## The data
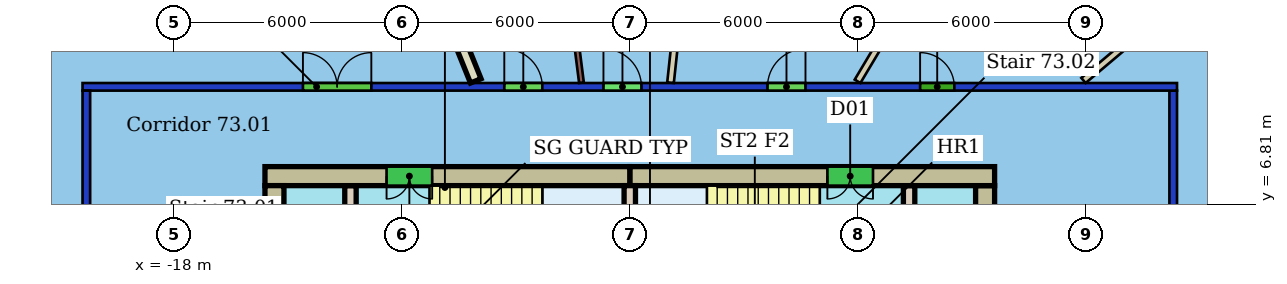
"""IFC4 building model, lengths in metres.
Left out: names, types, materials, properties, quantities, classifications, styles, units other than length and angle.
Written with IfcOpenShell. Run it as: python <this file> out.ifc"""

import sys

from ifc_helpers import new_model, si_unit, direction, frame, frame_2d, origin, place, context, subcontext, project, spatial, rectangle, extrude, element, fill, save


model = new_model("IFC4")
c1 = context("Model", 3, precision=1e-05, world=origin(), true_north=direction((0.0, 1.0)))
c2 = subcontext(c1, "Body", "Model", "MODEL_VIEW")
j1 = project(units=[si_unit("LENGTHUNIT", "METRE"), si_unit("PLANEANGLEUNIT", "RADIAN")], contexts=[c1])
p1 = place(None, origin())
s1 = spatial("IfcSite", under=j1, at=p1, CompositionType="ELEMENT")
p2 = place(p1, origin())
s2 = spatial("IfcBuilding", under=s1, at=p2, CompositionType="ELEMENT")
p3 = place(p2, frame((0.0, 0.0, 293.7)))
s3 = spatial("IfcBuildingStorey", under=s2, at=p3, CompositionType="ELEMENT", Elevation=293.7)
p4 = place(p3, frame((-20.3, -9.8, 0.0), z_axis=(0.0, 0.0, 1.0), x_axis=(0.0, 1.0, 0.0)))
e1 = element("IfcWall", 1, at=p4, inside=s3, PredefinedType="PARTITIONING", context=c2, shape_type="SweptSolid", body=[
    extrude(rectangle(XDim=19.6, YDim=0.2, at=frame_2d((9.8, 0.0))), origin(), (0.0, 0.0, 1.0), 3.1),
])
p5 = place(p4, frame((8.147, 0.0, 0.0)))
e2 = element("IfcOpeningElement", 2, at=p5, cuts=e1, PredefinedType="OPENING", context=c2, shape_type="SweptSolid", body=[
    extrude(rectangle(XDim=1.5, YDim=2.1, at=frame_2d((0.75, 1.05))), frame((0.0, 0.11, 0.0), z_axis=(0.0, -1.0, 0.0), x_axis=(1.0, 0.0, 0.0)), (0.0, 0.0, 1.0), 0.22),
])
p6 = place(p4, frame((4.031, 0.0, 0.0)))
e3 = element("IfcOpeningElement", 3, at=p6, cuts=e1, PredefinedType="OPENING", context=c2, shape_type="SweptSolid", body=[
    extrude(rectangle(XDim=1.0, YDim=2.1, at=frame_2d((0.5, 1.05))), frame((0.0, 0.11, 0.0), z_axis=(0.0, -1.0, 0.0), x_axis=(1.0, 0.0, 0.0)), (0.0, 0.0, 1.0), 0.22),
])
p7 = place(p3, frame((-20.4, 9.9, 0.0), z_axis=(0.0, 0.0, 1.0), x_axis=(1.0, 0.0, 0.0)))
e4 = element("IfcWall", 4, at=p7, inside=s3, PredefinedType="PARTITIONING", context=c2, shape_type="SweptSolid", body=[
    extrude(rectangle(XDim=28.8, YDim=0.2, at=frame_2d((14.4, 0.0))), origin(), (0.0, 0.0, 1.0), 3.1),
])
p8 = place(p7, frame((13.707, 0.0, 0.0)))
e5 = element("IfcOpeningElement", 5, at=p8, cuts=e4, PredefinedType="OPENING", context=c2, shape_type="SweptSolid", body=[
    extrude(rectangle(XDim=1.0, YDim=2.4, at=frame_2d((0.5, 1.2))), frame((0.0, 0.11, 0.0), z_axis=(0.0, -1.0, 0.0), x_axis=(1.0, 0.0, 0.0)), (0.0, 0.0, 1.0), 0.22),
])
p9 = place(p7, frame((11.098, 0.0, 0.0)))
e6 = element("IfcOpeningElement", 6, at=p9, cuts=e4, PredefinedType="OPENING", context=c2, shape_type="SweptSolid", body=[
    extrude(rectangle(XDim=1.0, YDim=2.1, at=frame_2d((0.5, 1.05))), frame((0.0, 0.11, 0.0), z_axis=(0.0, -1.0, 0.0), x_axis=(1.0, 0.0, 0.0)), (0.0, 0.0, 1.0), 0.22),
])
p10 = place(p7, frame((5.799, 0.0, 0.0)))
e7 = element("IfcOpeningElement", 7, at=p10, cuts=e4, PredefinedType="OPENING", context=c2, shape_type="SweptSolid", body=[
    extrude(rectangle(XDim=1.8, YDim=2.4, at=frame_2d((0.9, 1.2))), frame((0.0, 0.11, 0.0), z_axis=(0.0, -1.0, 0.0), x_axis=(1.0, 0.0, 0.0)), (0.0, 0.0, 1.0), 0.22),
])
p11 = place(p7, frame((22.04, 0.0, 0.0)))
e8 = element("IfcOpeningElement", 8, at=p11, cuts=e4, PredefinedType="OPENING", context=c2, shape_type="SweptSolid", body=[
    extrude(rectangle(XDim=0.9, YDim=2.1, at=frame_2d((0.45, 1.05))), frame((0.0, 0.11, 0.0), z_axis=(0.0, -1.0, 0.0), x_axis=(1.0, 0.0, 0.0)), (0.0, 0.0, 1.0), 0.22),
])
p12 = place(p7, frame((18.023, 0.0, 0.0)))
e9 = element("IfcOpeningElement", 9, at=p12, cuts=e4, PredefinedType="OPENING", context=c2, shape_type="SweptSolid", body=[
    extrude(rectangle(XDim=1.0, YDim=2.1, at=frame_2d((0.5, 1.05))), frame((0.0, 0.11, 0.0), z_axis=(0.0, -1.0, 0.0), x_axis=(1.0, 0.0, 0.0)), (0.0, 0.0, 1.0), 0.22),
])
p13 = place(p3, frame((8.3, 9.8, 0.0), z_axis=(0.0, 0.0, 1.0), x_axis=(0.0, -1.0, 0.0)))
e10 = element("IfcWall", 10, at=p13, inside=s3, PredefinedType="PARTITIONING", context=c2, shape_type="SweptSolid", body=[
    extrude(rectangle(XDim=19.6, YDim=0.2, at=frame_2d((9.8, 0.0))), origin(), (0.0, 0.0, 1.0), 3.1),
])
p14 = place(p13, frame((8.302, 0.0, 0.0)))
e11 = element("IfcOpeningElement", 11, at=p14, cuts=e10, PredefinedType="OPENING", context=c2, shape_type="SweptSolid", body=[
    extrude(rectangle(XDim=0.9, YDim=2.1, at=frame_2d((0.45, 1.05))), frame((0.0, 0.11, 0.0), z_axis=(0.0, -1.0, 0.0), x_axis=(1.0, 0.0, 0.0)), (0.0, 0.0, 1.0), 0.22),
])
p15 = place(p13, frame((3.681, 0.0, 0.0)))
e12 = element("IfcOpeningElement", 12, at=p15, cuts=e10, PredefinedType="OPENING", context=c2, shape_type="SweptSolid", body=[
    extrude(rectangle(XDim=1.5, YDim=2.4, at=frame_2d((0.75, 1.2))), frame((0.0, 0.11, 0.0), z_axis=(0.0, -1.0, 0.0), x_axis=(1.0, 0.0, 0.0)), (0.0, 0.0, 1.0), 0.22),
])
p16 = place(p3, frame((-3.459, 23.717, 0.0), z_axis=(0.0, 0.0, 1.0), x_axis=(-0.10651999257, -0.994310560732, 0.0)))
e13 = element("IfcWall", 13, at=p16, inside=s3, PredefinedType="PARTITIONING", context=c2, shape_type="SweptSolid", body=[
    extrude(rectangle(XDim=13.786, YDim=0.175, at=frame_2d((6.893, 0.0))), origin(), (0.0, 0.0, 1.0), 3.45),
])
p17 = place(p3, frame((-8.885, 22.716, 0.0), z_axis=(0.0, 0.0, 1.0), x_axis=(0.125993078933, -0.99203112051, 0.0)))
e14 = element("IfcWall", 14, at=p17, inside=s3, PredefinedType="PARTITIONING", context=c2, shape_type="SweptSolid", body=[
    extrude(rectangle(XDim=12.81, YDim=0.125, at=frame_2d((6.405, 0.0))), origin(), (0.0, 0.0, 1.0), 3.45),
])
p18 = place(p3, frame((-14.126, 20.166, 0.0), z_axis=(0.0, 0.0, 1.0), x_axis=(0.373780009818, -0.927517387579, 0.0)))
e15 = element("IfcWall", 15, at=p18, inside=s3, PredefinedType="PARTITIONING", context=c2, shape_type="SweptSolid", body=[
    extrude(rectangle(XDim=10.899, YDim=0.3, at=frame_2d((5.45, 0.0))), origin(), (0.0, 0.0, 1.0), 3.45),
])
p19 = place(p3, frame((11.902, 15.095, 0.0), z_axis=(0.0, 0.0, 1.0), x_axis=(-0.764496313842, -0.644628099079, 0.0)))
e16 = element("IfcWall", 16, at=p19, inside=s3, PredefinedType="PARTITIONING", context=c2, shape_type="SweptSolid", body=[
    extrude(rectangle(XDim=7.801, YDim=0.175, at=frame_2d((3.9, 0.0))), origin(), (0.0, 0.0, 1.0), 3.45),
])
p20 = place(p3, frame((6.496, 20.94, 0.0), z_axis=(0.0, 0.0, 1.0), x_axis=(-0.512439887576, -0.858723099503, 0.0)))
e17 = element("IfcWall", 17, at=p20, inside=s3, PredefinedType="PARTITIONING", context=c2, shape_type="SweptSolid", body=[
    extrude(rectangle(XDim=12.688, YDim=0.175, at=frame_2d((6.344, 0.0))), origin(), (0.0, 0.0, 1.0), 3.45),
])
p21 = place(p3, frame((3.6, 7.55, 0.0), z_axis=(0.0, 0.0, 1.0), x_axis=(-1.0, 0.0, 0.0)))
e18 = element("IfcWall", 18, at=p21, inside=s3, PredefinedType="SHEAR", context=c2, shape_type="SweptSolid", body=[
    extrude(rectangle(XDim=9.6, YDim=0.5, at=frame_2d((4.8, 0.0))), origin(), (0.0, 0.0, 1.0), 3.3),
])
p22 = place(p21, frame((3.2, 0.0, 0.0)))
e19 = element("IfcOpeningElement", 19, at=p22, cuts=e18, PredefinedType="OPENING", context=c2, shape_type="SweptSolid", body=[
    extrude(rectangle(XDim=1.2, YDim=2.1, at=frame_2d((0.6, 1.05))), frame((0.0, 0.26, 0.0), z_axis=(0.0, -1.0, 0.0), x_axis=(1.0, 0.0, 0.0)), (0.0, 0.0, 1.0), 0.52),
])
p23 = place(p3, frame((-6.0, 7.55, 0.0), z_axis=(0.0, 0.0, 1.0), x_axis=(-1.0, 0.0, 0.0)))
e20 = element("IfcWall", 20, at=p23, inside=s3, PredefinedType="SHEAR", context=c2, shape_type="SweptSolid", body=[
    extrude(rectangle(XDim=9.6, YDim=0.5, at=frame_2d((4.8, 0.0))), origin(), (0.0, 0.0, 1.0), 3.3),
])
p24 = place(p23, frame((5.2, 0.0, 0.0)))
e21 = element("IfcOpeningElement", 21, at=p24, cuts=e20, PredefinedType="OPENING", context=c2, shape_type="SweptSolid", body=[
    extrude(rectangle(XDim=1.2, YDim=2.1, at=frame_2d((0.6, 1.05))), frame((0.0, 0.26, 0.0), z_axis=(0.0, -1.0, 0.0), x_axis=(1.0, 0.0, 0.0)), (0.0, 0.0, 1.0), 0.52),
])
p25 = place(p3, frame((-15.35, 7.3, 0.0), z_axis=(0.0, 0.0, 1.0), x_axis=(0.0, -1.0, 0.0)))
e22 = element("IfcWall", 22, at=p25, inside=s3, PredefinedType="SHEAR", context=c2, shape_type="SweptSolid", body=[
    extrude(rectangle(XDim=14.6, YDim=0.5, at=frame_2d((7.3, 0.0))), origin(), (0.0, 0.0, 1.0), 3.3),
])
p26 = place(p25, frame((10.6, 0.0, 0.0)))
e23 = element("IfcOpeningElement", 23, at=p26, cuts=e22, PredefinedType="OPENING", context=c2, shape_type="SweptSolid", body=[
    extrude(rectangle(XDim=1.2, YDim=2.1, at=frame_2d((0.6, 1.05))), frame((0.0, 0.26, 0.0), z_axis=(0.0, -1.0, 0.0), x_axis=(1.0, 0.0, 0.0)), (0.0, 0.0, 1.0), 0.52),
])
p27 = place(p25, frame((2.8, 0.0, 0.0)))
e24 = element("IfcOpeningElement", 24, at=p27, cuts=e22, PredefinedType="OPENING", context=c2, shape_type="SweptSolid", body=[
    extrude(rectangle(XDim=1.2, YDim=2.1, at=frame_2d((0.6, 1.05))), frame((0.0, 0.26, 0.0), z_axis=(0.0, -1.0, 0.0), x_axis=(1.0, 0.0, 0.0)), (0.0, 0.0, 1.0), 0.52),
])
p28 = place(p3, frame((3.35, -7.3, 0.0), z_axis=(0.0, 0.0, 1.0), x_axis=(0.0, 1.0, 0.0)))
e25 = element("IfcWall", 25, at=p28, inside=s3, PredefinedType="SHEAR", context=c2, shape_type="SweptSolid", body=[
    extrude(rectangle(XDim=14.6, YDim=0.5, at=frame_2d((7.3, 0.0))), origin(), (0.0, 0.0, 1.0), 3.3),
])
p29 = place(p28, frame((2.8, 0.0, 0.0)))
e26 = element("IfcOpeningElement", 26, at=p29, cuts=e25, PredefinedType="OPENING", context=c2, shape_type="SweptSolid", body=[
    extrude(rectangle(XDim=1.2, YDim=2.1, at=frame_2d((0.6, 1.05))), frame((0.0, 0.26, 0.0), z_axis=(0.0, -1.0, 0.0), x_axis=(1.0, 0.0, 0.0)), (0.0, 0.0, 1.0), 0.52),
])
p30 = place(p28, frame((10.6, 0.0, 0.0)))
e27 = element("IfcOpeningElement", 27, at=p30, cuts=e25, PredefinedType="OPENING", context=c2, shape_type="SweptSolid", body=[
    extrude(rectangle(XDim=1.2, YDim=2.1, at=frame_2d((0.6, 1.05))), frame((0.0, 0.26, 0.0), z_axis=(0.0, -1.0, 0.0), x_axis=(1.0, 0.0, 0.0)), (0.0, 0.0, 1.0), 0.52),
])
p31 = place(p3, frame((-13.35, 7.3, 0.0), z_axis=(0.0, 0.0, 1.0), x_axis=(0.0, -1.0, 0.0)))
e28 = element("IfcWall", 28, at=p31, inside=s3, PredefinedType="SHEAR", context=c2, shape_type="SweptSolid", body=[
    extrude(rectangle(XDim=14.6, YDim=0.3, at=frame_2d((7.3, 0.0))), origin(), (0.0, 0.0, 1.0), 3.3),
])
p32 = place(p31, frame((6.55, 0.0, 0.0)))
e29 = element("IfcOpeningElement", 29, at=p32, cuts=e28, PredefinedType="OPENING", context=c2, shape_type="SweptSolid", body=[
    extrude(rectangle(XDim=1.5, YDim=2.1, at=frame_2d((0.75, 1.05))), frame((0.0, 0.16, 0.0), z_axis=(0.0, -1.0, 0.0), x_axis=(1.0, 0.0, 0.0)), (0.0, 0.0, 1.0), 0.32),
])
p33 = place(p3, frame((1.35, -7.3, 0.0), z_axis=(0.0, 0.0, 1.0), x_axis=(0.0, 1.0, 0.0)))
e30 = element("IfcWall", 30, at=p33, inside=s3, PredefinedType="SHEAR", context=c2, shape_type="SweptSolid", body=[
    extrude(rectangle(XDim=14.6, YDim=0.3, at=frame_2d((7.3, 0.0))), origin(), (0.0, 0.0, 1.0), 3.3),
])
p34 = place(p33, frame((1.21, 0.0, 0.0)))
e31 = element("IfcOpeningElement", 31, at=p34, cuts=e30, PredefinedType="OPENING", context=c2, shape_type="SweptSolid", body=[
    extrude(rectangle(XDim=1.0, YDim=2.1, at=frame_2d((0.5, 1.05))), frame((0.0, 0.16, 0.0), z_axis=(0.0, -1.0, 0.0), x_axis=(1.0, 0.0, 0.0)), (0.0, 0.0, 1.0), 0.32),
])
p35 = place(p33, frame((6.55, 0.0, 0.0)))
e32 = element("IfcOpeningElement", 32, at=p35, cuts=e30, PredefinedType="OPENING", context=c2, shape_type="SweptSolid", body=[
    extrude(rectangle(XDim=1.5, YDim=2.1, at=frame_2d((0.75, 1.05))), frame((0.0, 0.16, 0.0), z_axis=(0.0, -1.0, 0.0), x_axis=(1.0, 0.0, 0.0)), (0.0, 0.0, 1.0), 0.32),
])
p36 = place(p3, frame((-6.0, 3.88, 0.0), z_axis=(0.0, 0.0, 1.0), x_axis=(0.0, 1.0, 0.0)))
e33 = element("IfcWall", 33, at=p36, inside=s3, PredefinedType="SHEAR", context=c2, shape_type="SweptSolid", body=[
    extrude(rectangle(XDim=3.42, YDim=0.3, at=frame_2d((1.71, 0.0))), origin(), (0.0, 0.0, 1.0), 3.3),
])
p37 = place(p8, origin())
e34 = element("IfcDoor", 34, at=p37, inside=s3, OperationType="SINGLE_SWING_LEFT", PredefinedType="DOOR", context=c2, shape_type="SweptSolid", body=[
    extrude(rectangle(XDim=1.0, YDim=2.4, at=frame_2d((0.5, 1.2))), frame((0.0, 0.025, 0.0), z_axis=(0.0, -1.0, 0.0), x_axis=(1.0, 0.0, 0.0)), (0.0, 0.0, 1.0), 0.05),
])
fill(e5, e34)
p38 = place(p9, origin())
e35 = element("IfcDoor", 35, at=p38, inside=s3, OperationType="SINGLE_SWING_LEFT", PredefinedType="DOOR", context=c2, shape_type="SweptSolid", body=[
    extrude(rectangle(XDim=1.0, YDim=2.1, at=frame_2d((0.5, 1.05))), frame((0.0, 0.025, 0.0), z_axis=(0.0, -1.0, 0.0), x_axis=(1.0, 0.0, 0.0)), (0.0, 0.0, 1.0), 0.05),
])
fill(e6, e35)
p39 = place(p10, origin())
e36 = element("IfcDoor", 36, at=p39, inside=s3, OperationType="DOUBLE_DOOR_SINGLE_SWING", PredefinedType="DOOR", context=c2, shape_type="SweptSolid", body=[
    extrude(rectangle(XDim=1.8, YDim=2.4, at=frame_2d((0.9, 1.2))), frame((0.0, 0.025, 0.0), z_axis=(0.0, -1.0, 0.0), x_axis=(1.0, 0.0, 0.0)), (0.0, 0.0, 1.0), 0.05),
])
fill(e7, e36)
p40 = place(p11, origin())
e37 = element("IfcDoor", 37, at=p40, inside=s3, OperationType="SINGLE_SWING_LEFT", PredefinedType="DOOR", context=c2, shape_type="SweptSolid", body=[
    extrude(rectangle(XDim=0.9, YDim=2.1, at=frame_2d((0.45, 1.05))), frame((0.0, 0.025, 0.0), z_axis=(0.0, -1.0, 0.0), x_axis=(1.0, 0.0, 0.0)), (0.0, 0.0, 1.0), 0.05),
])
fill(e8, e37)
p41 = place(p12, origin())
e38 = element("IfcDoor", 38, at=p41, inside=s3, OperationType="SINGLE_SWING_RIGHT", PredefinedType="DOOR", context=c2, shape_type="SweptSolid", body=[
    extrude(rectangle(XDim=1.0, YDim=2.1, at=frame_2d((0.5, 1.05))), frame((0.0, 0.025, 0.0), z_axis=(0.0, -1.0, 0.0), x_axis=(1.0, 0.0, 0.0)), (0.0, 0.0, 1.0), 0.05),
])
fill(e9, e38)
p42 = place(p22, origin())
e39 = element("IfcDoor", 39, at=p42, inside=s3, OperationType="DOUBLE_DOOR_SINGLE_SWING", PredefinedType="NOTDEFINED", context=c2, shape_type="SweptSolid", body=[
    extrude(rectangle(XDim=1.2, YDim=2.1, at=frame_2d((0.6, 1.05))), frame((0.0, 0.025, 0.0), z_axis=(0.0, -1.0, 0.0), x_axis=(1.0, 0.0, 0.0)), (0.0, 0.0, 1.0), 0.05),
])
fill(e19, e39)
p43 = place(p24, origin())
e40 = element("IfcDoor", 40, at=p43, inside=s3, OperationType="DOUBLE_DOOR_SINGLE_SWING", PredefinedType="NOTDEFINED", context=c2, shape_type="SweptSolid", body=[
    extrude(rectangle(XDim=1.2, YDim=2.1, at=frame_2d((0.6, 1.05))), frame((0.0, 0.025, 0.0), z_axis=(0.0, -1.0, 0.0), x_axis=(1.0, 0.0, 0.0)), (0.0, 0.0, 1.0), 0.05),
])
fill(e21, e40)
save(model, sys.argv[1])

## Exercise prompt
The lines to return are those in the material above that hold "CompositionType".

## Task answer
s1 = spatial("IfcSite", under=j1, at=p1, CompositionType="ELEMENT")
s2 = spatial("IfcBuilding", under=s1, at=p2, CompositionType="ELEMENT")
s3 = spatial("IfcBuildingStorey", under=s2, at=p3, CompositionType="ELEMENT", Elevation=293.7)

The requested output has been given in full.